TASK DESCRIPTION:
Hunt through the lines below for the string "IfcColumn" and copy each one that has it.

DATA IN THIS EXERCISE:

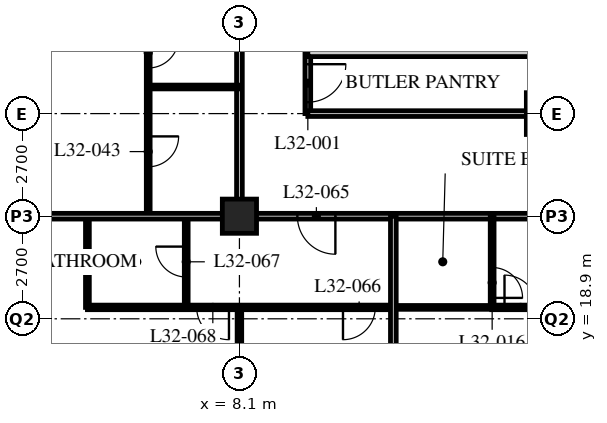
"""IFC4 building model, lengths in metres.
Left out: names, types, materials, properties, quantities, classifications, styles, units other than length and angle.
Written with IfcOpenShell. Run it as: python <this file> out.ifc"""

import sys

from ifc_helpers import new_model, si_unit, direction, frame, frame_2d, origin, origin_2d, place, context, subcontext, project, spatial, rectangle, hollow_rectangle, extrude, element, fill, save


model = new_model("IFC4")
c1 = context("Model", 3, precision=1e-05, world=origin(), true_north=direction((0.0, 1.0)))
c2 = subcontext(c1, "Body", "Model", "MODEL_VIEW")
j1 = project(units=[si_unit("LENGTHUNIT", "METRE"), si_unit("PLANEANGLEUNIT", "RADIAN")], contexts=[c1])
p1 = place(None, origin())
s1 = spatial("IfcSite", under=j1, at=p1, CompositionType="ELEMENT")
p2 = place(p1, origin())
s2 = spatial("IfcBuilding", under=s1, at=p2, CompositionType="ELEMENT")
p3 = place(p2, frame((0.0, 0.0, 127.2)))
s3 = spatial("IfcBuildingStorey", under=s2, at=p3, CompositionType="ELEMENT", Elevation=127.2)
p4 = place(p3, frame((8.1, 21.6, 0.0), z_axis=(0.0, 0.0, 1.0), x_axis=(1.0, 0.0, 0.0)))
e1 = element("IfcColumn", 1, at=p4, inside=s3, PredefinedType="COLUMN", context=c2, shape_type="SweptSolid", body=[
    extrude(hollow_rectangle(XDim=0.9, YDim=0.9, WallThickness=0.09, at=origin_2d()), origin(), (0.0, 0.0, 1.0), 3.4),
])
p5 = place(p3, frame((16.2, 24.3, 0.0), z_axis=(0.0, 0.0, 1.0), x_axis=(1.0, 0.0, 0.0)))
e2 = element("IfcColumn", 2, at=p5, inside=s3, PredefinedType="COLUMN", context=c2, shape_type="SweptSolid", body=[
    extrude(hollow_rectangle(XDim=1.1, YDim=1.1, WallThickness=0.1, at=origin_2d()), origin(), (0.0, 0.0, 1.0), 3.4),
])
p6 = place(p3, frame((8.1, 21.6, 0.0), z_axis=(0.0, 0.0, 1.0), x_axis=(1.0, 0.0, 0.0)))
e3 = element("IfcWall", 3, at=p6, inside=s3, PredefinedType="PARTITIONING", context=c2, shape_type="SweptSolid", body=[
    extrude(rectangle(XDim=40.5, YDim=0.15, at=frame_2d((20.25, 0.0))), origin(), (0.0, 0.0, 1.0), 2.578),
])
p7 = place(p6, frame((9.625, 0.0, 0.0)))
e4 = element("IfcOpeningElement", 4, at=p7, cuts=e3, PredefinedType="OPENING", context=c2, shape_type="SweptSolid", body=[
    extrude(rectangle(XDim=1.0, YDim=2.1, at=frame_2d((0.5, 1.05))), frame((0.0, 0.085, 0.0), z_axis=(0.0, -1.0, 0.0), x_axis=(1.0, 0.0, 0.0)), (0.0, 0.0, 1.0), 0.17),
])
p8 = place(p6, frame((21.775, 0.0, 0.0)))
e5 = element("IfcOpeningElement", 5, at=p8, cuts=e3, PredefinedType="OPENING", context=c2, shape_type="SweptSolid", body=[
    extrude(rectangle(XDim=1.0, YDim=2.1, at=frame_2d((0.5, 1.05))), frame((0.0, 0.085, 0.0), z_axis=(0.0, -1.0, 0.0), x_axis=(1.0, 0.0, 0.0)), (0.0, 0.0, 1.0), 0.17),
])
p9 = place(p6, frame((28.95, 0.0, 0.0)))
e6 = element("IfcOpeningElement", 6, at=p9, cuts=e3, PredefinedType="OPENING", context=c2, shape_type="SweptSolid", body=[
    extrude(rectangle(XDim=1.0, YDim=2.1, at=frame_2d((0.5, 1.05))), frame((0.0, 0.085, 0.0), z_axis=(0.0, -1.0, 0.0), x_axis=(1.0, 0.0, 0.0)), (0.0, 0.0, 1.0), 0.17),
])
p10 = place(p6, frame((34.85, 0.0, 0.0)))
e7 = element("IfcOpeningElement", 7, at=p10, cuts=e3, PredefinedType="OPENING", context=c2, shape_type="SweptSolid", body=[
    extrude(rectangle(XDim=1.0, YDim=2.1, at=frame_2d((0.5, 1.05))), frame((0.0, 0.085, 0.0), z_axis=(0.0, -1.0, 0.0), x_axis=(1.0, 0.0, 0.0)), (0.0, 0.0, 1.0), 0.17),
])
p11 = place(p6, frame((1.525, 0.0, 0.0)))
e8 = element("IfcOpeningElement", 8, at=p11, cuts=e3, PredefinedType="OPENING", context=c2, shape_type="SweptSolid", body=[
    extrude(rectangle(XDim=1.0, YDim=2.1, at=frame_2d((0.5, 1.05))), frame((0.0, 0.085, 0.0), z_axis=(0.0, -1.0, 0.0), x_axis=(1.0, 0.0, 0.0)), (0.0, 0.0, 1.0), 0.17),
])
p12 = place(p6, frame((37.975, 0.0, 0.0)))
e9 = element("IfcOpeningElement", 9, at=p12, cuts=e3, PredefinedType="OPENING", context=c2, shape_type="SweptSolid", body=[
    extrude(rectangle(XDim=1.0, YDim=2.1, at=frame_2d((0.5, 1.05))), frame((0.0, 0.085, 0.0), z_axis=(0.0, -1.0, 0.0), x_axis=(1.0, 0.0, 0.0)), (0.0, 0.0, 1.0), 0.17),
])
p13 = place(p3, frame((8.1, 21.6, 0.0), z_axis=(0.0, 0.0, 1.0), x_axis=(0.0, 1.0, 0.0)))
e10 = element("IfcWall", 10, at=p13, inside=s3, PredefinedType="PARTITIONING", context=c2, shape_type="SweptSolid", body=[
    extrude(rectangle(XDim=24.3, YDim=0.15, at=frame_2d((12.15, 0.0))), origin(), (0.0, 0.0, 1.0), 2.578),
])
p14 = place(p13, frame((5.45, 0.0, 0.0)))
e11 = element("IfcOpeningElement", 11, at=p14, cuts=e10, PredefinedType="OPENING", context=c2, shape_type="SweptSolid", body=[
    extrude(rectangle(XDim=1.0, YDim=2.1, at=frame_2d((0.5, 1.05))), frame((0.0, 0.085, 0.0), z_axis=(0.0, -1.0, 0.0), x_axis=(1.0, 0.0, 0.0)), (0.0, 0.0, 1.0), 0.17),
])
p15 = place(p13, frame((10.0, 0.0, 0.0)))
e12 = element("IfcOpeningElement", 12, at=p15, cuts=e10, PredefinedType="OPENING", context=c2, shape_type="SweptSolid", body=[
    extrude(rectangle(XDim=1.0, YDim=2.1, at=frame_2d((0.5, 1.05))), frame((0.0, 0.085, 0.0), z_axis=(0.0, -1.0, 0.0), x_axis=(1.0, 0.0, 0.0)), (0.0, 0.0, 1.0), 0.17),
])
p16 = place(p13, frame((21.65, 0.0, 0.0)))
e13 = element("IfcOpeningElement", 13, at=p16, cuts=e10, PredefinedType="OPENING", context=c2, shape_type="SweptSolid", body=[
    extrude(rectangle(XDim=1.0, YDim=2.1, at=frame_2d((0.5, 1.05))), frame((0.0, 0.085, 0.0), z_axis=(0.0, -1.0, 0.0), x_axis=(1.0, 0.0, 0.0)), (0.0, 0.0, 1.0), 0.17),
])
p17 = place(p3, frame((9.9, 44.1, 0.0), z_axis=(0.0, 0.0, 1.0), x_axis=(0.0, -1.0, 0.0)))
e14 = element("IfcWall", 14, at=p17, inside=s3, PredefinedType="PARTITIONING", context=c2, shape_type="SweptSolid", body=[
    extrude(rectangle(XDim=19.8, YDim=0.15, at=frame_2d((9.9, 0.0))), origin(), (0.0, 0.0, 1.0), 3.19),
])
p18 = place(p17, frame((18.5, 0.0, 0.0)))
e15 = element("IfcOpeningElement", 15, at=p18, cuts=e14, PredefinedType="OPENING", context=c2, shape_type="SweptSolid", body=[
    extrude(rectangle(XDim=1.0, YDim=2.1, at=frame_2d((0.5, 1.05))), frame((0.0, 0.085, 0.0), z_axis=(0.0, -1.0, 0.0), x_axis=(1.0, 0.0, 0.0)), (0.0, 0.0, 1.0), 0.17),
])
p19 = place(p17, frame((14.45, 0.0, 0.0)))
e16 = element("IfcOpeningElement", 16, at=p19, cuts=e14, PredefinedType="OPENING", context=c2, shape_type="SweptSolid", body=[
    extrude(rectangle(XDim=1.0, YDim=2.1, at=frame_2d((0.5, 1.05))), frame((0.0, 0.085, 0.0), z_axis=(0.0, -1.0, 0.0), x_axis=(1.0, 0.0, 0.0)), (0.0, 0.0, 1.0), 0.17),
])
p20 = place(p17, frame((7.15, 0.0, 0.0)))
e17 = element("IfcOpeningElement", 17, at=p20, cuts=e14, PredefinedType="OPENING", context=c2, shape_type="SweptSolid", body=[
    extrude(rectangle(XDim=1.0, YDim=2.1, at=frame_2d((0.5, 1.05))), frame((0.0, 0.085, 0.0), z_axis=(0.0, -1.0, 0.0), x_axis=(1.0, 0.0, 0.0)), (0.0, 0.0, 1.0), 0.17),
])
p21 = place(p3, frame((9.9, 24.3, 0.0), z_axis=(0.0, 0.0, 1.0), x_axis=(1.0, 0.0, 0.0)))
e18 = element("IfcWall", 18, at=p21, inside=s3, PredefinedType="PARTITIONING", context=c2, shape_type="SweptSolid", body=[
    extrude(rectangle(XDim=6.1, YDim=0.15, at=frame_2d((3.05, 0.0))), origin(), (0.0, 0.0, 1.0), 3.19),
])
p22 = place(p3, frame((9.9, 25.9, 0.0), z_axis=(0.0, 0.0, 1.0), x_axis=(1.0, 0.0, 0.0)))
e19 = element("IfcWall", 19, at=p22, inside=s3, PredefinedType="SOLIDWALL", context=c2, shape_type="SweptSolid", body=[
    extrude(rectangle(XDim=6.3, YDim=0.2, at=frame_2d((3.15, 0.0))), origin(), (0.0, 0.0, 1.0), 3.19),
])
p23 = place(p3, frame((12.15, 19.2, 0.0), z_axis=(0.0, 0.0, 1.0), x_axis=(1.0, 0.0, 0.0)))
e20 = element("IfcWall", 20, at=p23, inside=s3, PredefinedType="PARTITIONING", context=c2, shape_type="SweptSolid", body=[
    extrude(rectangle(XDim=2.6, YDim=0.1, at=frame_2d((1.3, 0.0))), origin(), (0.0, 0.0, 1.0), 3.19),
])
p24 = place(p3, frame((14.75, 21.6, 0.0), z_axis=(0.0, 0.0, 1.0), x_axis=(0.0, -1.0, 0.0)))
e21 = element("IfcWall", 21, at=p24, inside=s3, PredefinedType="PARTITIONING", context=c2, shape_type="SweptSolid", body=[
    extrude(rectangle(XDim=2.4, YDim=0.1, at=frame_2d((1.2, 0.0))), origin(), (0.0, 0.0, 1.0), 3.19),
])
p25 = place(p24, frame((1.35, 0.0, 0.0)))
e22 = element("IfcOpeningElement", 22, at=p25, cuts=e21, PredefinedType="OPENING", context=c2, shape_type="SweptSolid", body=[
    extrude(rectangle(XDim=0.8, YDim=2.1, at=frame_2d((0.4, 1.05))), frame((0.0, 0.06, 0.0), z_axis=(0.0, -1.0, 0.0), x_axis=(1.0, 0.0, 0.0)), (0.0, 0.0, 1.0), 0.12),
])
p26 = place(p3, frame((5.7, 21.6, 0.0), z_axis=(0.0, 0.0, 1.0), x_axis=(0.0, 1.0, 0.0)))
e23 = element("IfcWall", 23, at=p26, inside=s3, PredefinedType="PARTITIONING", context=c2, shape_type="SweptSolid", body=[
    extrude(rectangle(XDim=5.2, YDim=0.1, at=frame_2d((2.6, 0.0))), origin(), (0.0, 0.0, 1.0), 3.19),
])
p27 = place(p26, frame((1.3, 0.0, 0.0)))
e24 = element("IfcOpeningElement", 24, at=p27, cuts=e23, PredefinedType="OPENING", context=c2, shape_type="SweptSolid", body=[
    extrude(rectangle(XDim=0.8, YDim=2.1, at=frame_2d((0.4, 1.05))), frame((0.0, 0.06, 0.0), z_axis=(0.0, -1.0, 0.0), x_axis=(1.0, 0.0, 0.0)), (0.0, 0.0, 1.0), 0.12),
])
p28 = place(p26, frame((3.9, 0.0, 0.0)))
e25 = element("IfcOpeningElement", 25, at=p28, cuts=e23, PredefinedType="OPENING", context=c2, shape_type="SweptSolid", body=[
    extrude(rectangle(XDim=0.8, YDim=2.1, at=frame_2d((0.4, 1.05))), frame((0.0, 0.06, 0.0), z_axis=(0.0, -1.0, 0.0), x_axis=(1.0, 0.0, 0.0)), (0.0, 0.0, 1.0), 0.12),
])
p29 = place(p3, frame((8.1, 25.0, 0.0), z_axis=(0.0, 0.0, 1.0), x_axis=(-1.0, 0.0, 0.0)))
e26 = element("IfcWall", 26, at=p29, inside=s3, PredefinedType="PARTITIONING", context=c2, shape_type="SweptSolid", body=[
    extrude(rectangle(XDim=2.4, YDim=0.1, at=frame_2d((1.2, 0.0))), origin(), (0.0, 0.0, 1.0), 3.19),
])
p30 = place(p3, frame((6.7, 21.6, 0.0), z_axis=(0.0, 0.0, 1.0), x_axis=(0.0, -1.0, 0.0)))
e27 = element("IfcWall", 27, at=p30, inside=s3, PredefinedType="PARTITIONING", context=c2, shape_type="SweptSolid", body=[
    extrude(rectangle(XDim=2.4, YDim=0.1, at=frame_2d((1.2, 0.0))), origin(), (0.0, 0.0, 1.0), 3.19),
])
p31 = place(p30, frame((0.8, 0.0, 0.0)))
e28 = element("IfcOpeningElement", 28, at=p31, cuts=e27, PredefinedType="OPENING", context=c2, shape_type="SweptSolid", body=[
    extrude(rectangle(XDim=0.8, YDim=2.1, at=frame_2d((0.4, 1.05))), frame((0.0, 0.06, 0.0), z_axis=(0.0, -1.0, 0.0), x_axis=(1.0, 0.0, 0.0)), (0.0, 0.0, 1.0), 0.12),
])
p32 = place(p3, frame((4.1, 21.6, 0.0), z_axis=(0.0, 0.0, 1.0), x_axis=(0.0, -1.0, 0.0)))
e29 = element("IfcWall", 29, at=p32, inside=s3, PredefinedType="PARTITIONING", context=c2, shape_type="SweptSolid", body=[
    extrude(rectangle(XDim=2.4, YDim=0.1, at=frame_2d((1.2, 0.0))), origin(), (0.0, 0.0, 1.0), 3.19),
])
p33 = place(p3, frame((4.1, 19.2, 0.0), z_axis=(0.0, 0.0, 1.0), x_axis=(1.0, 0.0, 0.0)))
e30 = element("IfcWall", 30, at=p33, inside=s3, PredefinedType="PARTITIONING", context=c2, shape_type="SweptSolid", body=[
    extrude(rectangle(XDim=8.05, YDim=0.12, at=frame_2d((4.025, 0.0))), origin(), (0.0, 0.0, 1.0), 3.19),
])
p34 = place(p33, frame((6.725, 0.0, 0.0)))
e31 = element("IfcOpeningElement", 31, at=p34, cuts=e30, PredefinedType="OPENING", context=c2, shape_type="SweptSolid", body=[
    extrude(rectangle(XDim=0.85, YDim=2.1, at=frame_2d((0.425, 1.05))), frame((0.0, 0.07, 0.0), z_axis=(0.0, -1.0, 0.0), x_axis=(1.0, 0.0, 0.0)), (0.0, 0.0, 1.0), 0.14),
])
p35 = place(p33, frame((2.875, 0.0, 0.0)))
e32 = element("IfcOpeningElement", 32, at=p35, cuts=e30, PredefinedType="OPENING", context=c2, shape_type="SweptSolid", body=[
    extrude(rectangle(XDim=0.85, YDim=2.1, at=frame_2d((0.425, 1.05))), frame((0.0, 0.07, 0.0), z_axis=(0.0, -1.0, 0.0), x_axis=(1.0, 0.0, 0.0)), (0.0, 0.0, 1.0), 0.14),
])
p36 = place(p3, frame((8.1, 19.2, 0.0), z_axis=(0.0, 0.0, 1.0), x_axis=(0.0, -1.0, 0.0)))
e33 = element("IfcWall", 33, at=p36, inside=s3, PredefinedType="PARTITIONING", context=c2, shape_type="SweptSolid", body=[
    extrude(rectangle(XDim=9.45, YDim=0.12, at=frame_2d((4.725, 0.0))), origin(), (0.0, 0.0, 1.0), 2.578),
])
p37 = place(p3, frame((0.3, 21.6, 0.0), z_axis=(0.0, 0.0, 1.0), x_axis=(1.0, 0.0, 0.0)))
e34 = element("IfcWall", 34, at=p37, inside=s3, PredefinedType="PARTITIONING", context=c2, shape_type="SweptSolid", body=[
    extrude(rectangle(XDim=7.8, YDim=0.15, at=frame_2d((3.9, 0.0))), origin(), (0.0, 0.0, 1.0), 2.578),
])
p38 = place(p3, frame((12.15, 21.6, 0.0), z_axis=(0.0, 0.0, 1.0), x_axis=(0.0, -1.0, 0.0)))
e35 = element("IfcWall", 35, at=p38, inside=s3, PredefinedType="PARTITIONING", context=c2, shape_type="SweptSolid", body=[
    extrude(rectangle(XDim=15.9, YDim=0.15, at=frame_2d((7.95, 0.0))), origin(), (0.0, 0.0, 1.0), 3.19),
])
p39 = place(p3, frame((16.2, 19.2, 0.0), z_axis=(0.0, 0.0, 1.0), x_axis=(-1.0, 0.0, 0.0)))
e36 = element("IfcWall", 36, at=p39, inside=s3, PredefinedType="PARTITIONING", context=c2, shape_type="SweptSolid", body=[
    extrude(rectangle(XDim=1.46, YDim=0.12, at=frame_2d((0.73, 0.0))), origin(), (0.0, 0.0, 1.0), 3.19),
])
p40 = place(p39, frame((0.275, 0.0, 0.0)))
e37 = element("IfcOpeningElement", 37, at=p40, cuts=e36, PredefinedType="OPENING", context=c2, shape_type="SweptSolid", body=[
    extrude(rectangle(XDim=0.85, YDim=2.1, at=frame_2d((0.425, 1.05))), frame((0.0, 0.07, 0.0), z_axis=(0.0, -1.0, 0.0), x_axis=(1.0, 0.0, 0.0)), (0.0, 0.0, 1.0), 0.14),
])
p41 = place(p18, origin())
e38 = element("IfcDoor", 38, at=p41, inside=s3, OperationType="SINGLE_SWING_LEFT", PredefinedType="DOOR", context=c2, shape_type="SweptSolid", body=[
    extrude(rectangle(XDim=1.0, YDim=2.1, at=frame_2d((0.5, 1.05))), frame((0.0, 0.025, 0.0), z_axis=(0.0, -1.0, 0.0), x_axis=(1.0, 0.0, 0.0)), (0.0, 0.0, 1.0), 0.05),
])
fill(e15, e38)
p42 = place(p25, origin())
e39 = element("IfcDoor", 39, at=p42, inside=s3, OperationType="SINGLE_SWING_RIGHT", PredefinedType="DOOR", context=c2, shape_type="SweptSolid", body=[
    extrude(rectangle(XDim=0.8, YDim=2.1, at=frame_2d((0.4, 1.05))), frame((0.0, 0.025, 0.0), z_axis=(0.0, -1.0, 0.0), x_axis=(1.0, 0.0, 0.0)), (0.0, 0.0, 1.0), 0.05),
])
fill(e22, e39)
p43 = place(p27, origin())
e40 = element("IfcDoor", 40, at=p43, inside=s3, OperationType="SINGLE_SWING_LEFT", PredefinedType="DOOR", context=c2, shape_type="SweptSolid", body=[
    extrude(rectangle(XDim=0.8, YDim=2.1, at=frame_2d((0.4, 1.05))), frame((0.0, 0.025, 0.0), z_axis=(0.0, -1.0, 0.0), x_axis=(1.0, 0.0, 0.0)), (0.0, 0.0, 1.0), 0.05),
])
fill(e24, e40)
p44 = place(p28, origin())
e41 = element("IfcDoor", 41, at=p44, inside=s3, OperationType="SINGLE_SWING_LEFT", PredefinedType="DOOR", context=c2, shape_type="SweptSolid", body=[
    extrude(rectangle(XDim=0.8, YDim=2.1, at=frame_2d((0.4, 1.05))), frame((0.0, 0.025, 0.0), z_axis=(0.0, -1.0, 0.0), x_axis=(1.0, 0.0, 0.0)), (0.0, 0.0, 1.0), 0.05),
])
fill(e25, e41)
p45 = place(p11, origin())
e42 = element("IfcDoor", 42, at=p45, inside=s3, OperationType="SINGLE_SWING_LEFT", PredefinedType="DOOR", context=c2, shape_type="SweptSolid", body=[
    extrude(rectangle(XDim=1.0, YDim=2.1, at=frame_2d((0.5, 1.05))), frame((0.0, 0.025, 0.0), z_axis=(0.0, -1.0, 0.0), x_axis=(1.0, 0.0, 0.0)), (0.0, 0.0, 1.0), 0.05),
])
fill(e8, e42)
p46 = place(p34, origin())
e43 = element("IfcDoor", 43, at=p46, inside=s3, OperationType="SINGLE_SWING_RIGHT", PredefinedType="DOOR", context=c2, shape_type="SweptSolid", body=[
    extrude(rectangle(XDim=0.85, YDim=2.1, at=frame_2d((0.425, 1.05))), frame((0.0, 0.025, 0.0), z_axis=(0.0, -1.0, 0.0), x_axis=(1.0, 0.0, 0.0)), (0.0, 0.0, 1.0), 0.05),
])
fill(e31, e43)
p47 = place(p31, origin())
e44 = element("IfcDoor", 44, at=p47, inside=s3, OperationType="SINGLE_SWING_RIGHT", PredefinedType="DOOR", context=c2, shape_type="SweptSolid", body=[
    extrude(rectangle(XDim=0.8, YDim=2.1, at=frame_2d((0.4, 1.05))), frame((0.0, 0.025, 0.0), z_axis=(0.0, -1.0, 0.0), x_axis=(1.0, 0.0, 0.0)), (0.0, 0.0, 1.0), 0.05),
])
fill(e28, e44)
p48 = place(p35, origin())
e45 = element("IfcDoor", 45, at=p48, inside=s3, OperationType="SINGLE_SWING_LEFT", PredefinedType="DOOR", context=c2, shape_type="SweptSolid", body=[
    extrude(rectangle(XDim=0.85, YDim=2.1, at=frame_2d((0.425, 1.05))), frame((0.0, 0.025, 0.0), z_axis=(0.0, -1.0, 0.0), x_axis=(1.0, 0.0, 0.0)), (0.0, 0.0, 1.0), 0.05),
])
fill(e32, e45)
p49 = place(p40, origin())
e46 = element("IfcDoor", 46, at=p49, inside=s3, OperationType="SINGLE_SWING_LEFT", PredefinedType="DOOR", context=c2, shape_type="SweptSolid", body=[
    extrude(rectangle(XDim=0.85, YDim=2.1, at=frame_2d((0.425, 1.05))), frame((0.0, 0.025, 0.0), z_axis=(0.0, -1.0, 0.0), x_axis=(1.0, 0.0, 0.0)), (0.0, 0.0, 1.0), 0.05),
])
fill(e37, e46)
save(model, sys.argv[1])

COMPLETED EXERCISE:
e1 = element("IfcColumn", 1, at=p4, inside=s3, PredefinedType="COLUMN", context=c2, shape_type="SweptSolid", body=[
e2 = element("IfcColumn", 2, at=p5, inside=s3, PredefinedType="COLUMN", context=c2, shape_type="SweptSolid", body=[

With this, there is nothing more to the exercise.